Task instructions: Return, word for word, the lines of the listing below from the one with "each defined once" through the one with "blk = doc.blocks.new('A$C2B723114')", and no other lines.

Records for this exercise:
· · · · · · ·
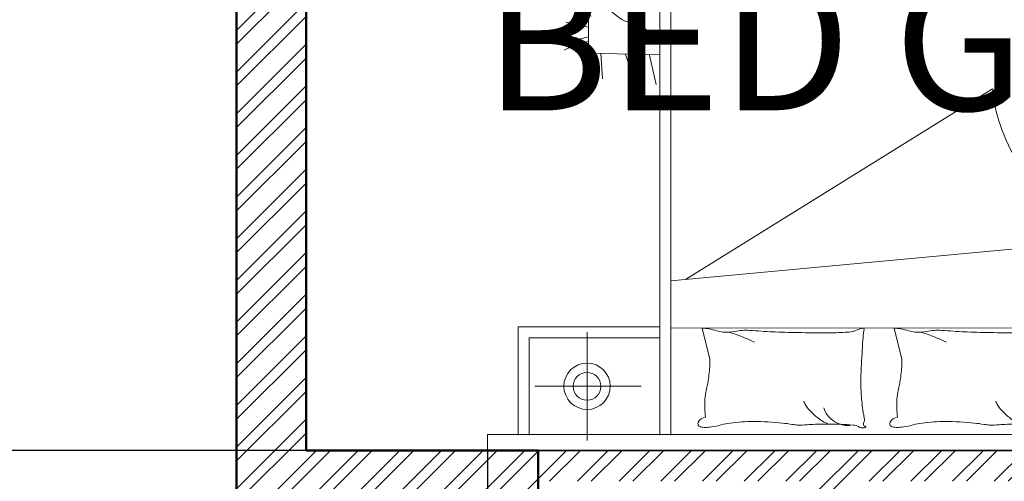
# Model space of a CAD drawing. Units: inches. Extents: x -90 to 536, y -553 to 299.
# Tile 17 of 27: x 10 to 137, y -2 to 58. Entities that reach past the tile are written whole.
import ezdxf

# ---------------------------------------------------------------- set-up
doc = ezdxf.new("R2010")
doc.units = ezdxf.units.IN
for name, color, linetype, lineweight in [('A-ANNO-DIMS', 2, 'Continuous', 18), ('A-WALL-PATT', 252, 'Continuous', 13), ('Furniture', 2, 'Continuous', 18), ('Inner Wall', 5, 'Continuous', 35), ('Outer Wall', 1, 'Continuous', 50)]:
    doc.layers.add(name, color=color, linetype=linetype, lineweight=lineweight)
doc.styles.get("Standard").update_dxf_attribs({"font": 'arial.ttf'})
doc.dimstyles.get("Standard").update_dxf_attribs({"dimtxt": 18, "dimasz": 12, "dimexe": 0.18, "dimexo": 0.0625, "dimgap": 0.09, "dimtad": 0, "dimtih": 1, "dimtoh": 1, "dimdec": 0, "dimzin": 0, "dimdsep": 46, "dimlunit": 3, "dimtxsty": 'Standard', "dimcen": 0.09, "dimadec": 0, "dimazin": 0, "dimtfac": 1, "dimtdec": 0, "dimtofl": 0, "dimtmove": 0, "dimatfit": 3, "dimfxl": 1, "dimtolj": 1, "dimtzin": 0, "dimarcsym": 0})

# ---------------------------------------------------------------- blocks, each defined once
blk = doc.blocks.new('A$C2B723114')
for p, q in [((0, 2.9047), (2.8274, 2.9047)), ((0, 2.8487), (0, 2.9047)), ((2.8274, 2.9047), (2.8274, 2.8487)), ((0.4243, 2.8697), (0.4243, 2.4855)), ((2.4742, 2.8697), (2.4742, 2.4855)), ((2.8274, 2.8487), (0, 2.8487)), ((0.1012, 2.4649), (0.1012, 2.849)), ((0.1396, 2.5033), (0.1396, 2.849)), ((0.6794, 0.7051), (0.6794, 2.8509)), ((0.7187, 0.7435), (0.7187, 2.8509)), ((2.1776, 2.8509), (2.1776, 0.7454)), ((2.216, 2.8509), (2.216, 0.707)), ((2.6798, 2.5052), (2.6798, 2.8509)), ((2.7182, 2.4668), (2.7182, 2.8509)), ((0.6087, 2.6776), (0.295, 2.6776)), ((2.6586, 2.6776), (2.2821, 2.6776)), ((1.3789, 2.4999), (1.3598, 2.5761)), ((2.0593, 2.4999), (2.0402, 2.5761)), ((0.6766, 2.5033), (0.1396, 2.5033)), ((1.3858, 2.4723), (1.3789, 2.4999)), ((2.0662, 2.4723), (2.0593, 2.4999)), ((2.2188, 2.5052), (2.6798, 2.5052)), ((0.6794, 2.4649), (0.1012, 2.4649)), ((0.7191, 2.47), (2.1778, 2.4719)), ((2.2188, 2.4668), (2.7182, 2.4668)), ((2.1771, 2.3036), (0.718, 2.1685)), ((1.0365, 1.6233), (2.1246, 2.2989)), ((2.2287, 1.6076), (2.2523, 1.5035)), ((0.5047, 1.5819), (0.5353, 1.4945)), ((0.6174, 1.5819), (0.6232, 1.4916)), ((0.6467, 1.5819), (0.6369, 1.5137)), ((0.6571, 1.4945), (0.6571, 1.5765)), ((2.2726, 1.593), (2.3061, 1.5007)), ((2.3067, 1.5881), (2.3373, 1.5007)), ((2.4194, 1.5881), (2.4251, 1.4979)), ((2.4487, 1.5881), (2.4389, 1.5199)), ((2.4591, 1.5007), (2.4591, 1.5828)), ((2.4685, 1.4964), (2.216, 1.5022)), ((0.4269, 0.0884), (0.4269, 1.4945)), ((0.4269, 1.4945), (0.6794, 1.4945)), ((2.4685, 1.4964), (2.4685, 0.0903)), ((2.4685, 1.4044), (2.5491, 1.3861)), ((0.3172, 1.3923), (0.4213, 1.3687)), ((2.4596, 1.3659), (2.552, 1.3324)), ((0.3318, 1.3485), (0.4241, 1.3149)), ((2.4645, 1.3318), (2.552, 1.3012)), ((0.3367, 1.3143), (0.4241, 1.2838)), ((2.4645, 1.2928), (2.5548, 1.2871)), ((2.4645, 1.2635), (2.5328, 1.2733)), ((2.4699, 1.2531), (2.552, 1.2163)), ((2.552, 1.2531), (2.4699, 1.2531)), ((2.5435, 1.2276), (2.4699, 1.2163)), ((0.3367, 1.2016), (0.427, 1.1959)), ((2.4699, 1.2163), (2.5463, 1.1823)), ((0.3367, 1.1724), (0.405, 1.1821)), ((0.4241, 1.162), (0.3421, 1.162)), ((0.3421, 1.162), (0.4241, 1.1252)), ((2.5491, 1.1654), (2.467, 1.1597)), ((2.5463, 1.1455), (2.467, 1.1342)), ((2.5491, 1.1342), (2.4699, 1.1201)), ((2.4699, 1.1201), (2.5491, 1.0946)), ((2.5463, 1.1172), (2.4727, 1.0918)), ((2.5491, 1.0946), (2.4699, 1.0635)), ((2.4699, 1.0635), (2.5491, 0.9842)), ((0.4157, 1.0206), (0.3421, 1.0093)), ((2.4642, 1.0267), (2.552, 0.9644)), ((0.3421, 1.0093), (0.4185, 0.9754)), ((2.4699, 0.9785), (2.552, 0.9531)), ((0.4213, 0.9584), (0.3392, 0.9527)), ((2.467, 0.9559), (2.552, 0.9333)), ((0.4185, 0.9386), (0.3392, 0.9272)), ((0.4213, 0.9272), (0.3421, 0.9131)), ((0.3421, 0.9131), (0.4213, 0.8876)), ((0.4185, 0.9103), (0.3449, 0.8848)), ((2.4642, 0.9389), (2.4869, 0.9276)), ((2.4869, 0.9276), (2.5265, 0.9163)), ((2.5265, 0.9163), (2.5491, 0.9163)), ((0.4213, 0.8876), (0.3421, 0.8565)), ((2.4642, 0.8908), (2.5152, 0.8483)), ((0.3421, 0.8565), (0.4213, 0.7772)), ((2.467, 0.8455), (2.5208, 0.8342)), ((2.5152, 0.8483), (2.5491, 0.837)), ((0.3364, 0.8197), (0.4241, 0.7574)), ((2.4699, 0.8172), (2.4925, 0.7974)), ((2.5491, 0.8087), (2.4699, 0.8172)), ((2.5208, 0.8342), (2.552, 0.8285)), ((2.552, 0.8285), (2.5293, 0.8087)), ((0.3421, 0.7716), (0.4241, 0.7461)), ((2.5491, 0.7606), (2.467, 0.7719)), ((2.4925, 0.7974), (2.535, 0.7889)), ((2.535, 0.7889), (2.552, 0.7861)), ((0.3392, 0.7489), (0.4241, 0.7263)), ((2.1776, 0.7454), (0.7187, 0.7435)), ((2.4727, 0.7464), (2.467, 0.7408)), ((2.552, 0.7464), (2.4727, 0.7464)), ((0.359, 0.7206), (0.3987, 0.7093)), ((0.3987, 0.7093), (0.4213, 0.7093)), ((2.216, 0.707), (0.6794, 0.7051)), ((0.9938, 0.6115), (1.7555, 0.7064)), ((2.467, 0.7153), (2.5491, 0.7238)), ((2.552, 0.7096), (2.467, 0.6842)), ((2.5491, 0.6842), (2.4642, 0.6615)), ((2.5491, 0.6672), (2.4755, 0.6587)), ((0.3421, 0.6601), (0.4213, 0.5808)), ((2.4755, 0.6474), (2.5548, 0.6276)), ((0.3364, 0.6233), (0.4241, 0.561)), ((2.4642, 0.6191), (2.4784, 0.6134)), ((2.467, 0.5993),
· · · · · · ·
Answer for the task:
# ---------------------------------------------------------------- blocks, each defined once
blk = doc.blocks.new('A$C2B723114')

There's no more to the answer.